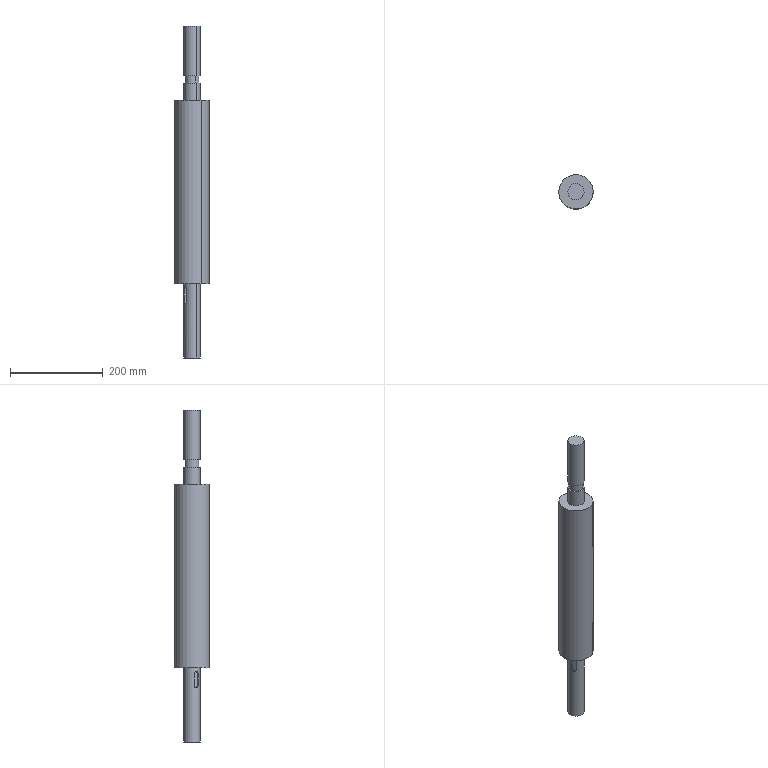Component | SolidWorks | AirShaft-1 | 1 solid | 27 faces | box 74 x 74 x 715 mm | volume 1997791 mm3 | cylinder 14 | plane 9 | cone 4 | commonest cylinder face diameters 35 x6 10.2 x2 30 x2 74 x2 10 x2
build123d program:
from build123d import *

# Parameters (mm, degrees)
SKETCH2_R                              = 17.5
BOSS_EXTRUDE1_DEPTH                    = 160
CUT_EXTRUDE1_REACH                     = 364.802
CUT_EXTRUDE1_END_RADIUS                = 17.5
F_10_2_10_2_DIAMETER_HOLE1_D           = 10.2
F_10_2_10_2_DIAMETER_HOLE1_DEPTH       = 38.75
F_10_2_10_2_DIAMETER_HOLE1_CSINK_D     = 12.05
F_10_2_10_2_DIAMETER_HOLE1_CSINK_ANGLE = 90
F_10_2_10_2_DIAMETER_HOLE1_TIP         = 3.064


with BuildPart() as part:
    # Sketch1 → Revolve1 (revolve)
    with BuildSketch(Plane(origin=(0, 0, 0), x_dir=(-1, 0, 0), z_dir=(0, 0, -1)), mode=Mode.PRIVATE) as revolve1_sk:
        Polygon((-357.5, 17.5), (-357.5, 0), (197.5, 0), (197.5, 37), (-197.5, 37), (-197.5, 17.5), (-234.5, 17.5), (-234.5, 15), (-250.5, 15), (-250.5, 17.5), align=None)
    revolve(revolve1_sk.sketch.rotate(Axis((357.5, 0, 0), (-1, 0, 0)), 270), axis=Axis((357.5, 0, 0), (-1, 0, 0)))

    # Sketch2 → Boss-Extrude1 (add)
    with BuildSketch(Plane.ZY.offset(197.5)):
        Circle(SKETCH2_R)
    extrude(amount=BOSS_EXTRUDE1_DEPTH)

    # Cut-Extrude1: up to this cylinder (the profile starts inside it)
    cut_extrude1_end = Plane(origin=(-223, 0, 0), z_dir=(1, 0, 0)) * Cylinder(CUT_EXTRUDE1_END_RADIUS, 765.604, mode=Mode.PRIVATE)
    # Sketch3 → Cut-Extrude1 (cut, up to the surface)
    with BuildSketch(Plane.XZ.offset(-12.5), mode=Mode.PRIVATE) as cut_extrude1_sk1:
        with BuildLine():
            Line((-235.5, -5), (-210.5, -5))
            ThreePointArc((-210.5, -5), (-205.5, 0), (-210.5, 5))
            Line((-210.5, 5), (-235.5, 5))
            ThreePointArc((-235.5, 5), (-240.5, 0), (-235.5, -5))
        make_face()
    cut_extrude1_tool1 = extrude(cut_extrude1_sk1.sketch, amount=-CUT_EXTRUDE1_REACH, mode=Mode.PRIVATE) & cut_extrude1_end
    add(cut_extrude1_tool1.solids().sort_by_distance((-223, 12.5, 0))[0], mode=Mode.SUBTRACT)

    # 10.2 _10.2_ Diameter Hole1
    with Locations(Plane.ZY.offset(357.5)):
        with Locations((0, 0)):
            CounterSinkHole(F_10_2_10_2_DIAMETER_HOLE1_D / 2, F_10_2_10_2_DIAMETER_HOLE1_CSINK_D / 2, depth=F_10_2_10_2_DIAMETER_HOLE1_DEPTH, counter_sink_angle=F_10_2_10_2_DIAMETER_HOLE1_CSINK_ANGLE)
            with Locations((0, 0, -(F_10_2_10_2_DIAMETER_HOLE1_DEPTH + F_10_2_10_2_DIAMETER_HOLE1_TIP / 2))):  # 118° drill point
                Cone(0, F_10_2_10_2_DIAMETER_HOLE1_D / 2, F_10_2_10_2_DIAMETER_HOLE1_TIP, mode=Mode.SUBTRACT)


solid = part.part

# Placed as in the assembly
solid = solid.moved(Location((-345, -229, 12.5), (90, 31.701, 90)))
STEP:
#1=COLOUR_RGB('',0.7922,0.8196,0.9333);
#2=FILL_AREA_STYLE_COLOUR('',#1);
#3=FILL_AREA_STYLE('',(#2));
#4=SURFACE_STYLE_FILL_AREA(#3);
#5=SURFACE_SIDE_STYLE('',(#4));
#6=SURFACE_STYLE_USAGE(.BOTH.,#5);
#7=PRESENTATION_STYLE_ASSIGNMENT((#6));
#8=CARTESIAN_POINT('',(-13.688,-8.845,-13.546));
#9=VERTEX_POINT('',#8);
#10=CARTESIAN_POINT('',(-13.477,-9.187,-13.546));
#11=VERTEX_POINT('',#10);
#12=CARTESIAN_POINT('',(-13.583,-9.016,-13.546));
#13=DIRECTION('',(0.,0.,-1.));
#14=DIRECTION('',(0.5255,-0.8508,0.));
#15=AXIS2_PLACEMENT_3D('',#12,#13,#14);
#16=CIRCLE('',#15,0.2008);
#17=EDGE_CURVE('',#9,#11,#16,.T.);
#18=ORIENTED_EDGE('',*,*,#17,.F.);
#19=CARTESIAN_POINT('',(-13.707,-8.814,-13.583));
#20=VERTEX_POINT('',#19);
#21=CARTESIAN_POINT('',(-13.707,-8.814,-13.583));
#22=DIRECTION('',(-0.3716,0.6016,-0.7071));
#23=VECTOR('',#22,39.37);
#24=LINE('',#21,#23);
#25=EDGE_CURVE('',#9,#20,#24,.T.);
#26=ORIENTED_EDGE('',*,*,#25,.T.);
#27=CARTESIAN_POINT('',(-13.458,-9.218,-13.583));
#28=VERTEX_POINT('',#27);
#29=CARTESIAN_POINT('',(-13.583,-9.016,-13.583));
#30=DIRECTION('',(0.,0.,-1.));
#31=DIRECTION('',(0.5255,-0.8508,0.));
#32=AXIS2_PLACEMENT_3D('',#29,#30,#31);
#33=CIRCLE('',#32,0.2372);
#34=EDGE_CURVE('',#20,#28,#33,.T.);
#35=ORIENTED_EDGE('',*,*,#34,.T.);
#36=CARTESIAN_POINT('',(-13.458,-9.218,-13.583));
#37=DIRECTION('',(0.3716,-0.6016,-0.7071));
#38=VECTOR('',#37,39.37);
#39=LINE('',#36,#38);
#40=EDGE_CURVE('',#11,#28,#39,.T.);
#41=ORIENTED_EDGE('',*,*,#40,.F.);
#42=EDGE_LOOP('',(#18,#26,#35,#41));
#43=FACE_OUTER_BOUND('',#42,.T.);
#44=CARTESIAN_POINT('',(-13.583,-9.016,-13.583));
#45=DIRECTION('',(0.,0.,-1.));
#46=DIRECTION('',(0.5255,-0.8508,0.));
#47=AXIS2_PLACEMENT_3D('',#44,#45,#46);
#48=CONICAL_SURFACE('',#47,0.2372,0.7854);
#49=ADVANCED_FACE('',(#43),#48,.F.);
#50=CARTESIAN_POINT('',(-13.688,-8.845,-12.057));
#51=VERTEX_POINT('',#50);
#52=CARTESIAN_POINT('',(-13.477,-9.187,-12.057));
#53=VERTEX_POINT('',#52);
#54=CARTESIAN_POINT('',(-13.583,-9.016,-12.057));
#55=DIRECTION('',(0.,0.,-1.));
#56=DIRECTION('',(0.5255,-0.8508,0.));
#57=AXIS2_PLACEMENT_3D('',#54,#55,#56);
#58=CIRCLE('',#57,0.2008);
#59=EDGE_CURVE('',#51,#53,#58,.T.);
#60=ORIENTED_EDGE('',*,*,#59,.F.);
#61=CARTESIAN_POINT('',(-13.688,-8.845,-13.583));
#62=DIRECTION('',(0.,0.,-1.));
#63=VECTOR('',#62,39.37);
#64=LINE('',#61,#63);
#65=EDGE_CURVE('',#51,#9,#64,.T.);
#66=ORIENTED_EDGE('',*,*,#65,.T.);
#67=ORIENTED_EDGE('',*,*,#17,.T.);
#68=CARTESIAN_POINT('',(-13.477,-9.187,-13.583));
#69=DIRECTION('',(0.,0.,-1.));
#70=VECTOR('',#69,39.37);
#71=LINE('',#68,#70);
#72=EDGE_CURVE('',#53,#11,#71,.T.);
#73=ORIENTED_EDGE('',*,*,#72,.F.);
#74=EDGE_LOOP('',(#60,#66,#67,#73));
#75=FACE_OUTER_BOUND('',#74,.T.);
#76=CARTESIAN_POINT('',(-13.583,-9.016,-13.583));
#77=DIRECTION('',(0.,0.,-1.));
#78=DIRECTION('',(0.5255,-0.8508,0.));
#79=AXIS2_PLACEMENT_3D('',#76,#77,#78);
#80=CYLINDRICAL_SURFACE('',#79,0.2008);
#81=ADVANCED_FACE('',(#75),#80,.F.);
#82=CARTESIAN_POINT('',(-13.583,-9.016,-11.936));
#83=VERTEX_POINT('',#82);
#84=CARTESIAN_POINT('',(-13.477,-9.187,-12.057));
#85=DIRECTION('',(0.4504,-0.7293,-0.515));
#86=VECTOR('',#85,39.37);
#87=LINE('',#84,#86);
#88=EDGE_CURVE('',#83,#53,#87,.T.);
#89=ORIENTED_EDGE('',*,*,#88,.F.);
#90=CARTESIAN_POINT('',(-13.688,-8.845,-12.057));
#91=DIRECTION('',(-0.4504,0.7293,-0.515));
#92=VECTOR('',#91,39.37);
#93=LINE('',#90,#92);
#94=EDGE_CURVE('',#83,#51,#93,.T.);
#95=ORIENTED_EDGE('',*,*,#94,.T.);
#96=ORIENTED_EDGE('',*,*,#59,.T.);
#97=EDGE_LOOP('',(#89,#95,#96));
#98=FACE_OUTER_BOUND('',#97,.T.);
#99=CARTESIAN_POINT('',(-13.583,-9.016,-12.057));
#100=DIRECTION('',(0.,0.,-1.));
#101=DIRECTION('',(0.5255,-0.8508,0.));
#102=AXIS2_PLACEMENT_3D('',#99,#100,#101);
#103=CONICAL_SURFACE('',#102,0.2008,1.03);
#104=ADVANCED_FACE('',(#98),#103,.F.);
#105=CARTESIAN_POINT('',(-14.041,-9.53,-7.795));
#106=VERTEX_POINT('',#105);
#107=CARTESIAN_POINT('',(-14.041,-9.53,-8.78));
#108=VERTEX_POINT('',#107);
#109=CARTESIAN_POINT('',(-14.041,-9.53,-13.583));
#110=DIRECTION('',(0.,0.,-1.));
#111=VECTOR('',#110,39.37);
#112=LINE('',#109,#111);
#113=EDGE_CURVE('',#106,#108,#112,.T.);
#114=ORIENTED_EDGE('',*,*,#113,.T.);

* **Task description**
Exactly reproduce the lines beginning with the one that contains "#104=ADVANCED_FACE('',(#98),#103,.F.);" and ending with the last line of the material, both included. Leave out everything else.

* **Response to this exercise**
#104=ADVANCED_FACE('',(#98),#103,.F.);
#105=CARTESIAN_POINT('',(-14.041,-9.53,-7.795));
#106=VERTEX_POINT('',#105);
#107=CARTESIAN_POINT('',(-14.041,-9.53,-8.78));
#108=VERTEX_POINT('',#107);
#109=CARTESIAN_POINT('',(-14.041,-9.53,-13.583));
#110=DIRECTION('',(0.,0.,-1.));
#111=VECTOR('',#110,39.37);
#112=LINE('',#109,#111);
#113=EDGE_CURVE('',#106,#108,#112,.T.);
#114=ORIENTED_EDGE('',*,*,#113,.T.);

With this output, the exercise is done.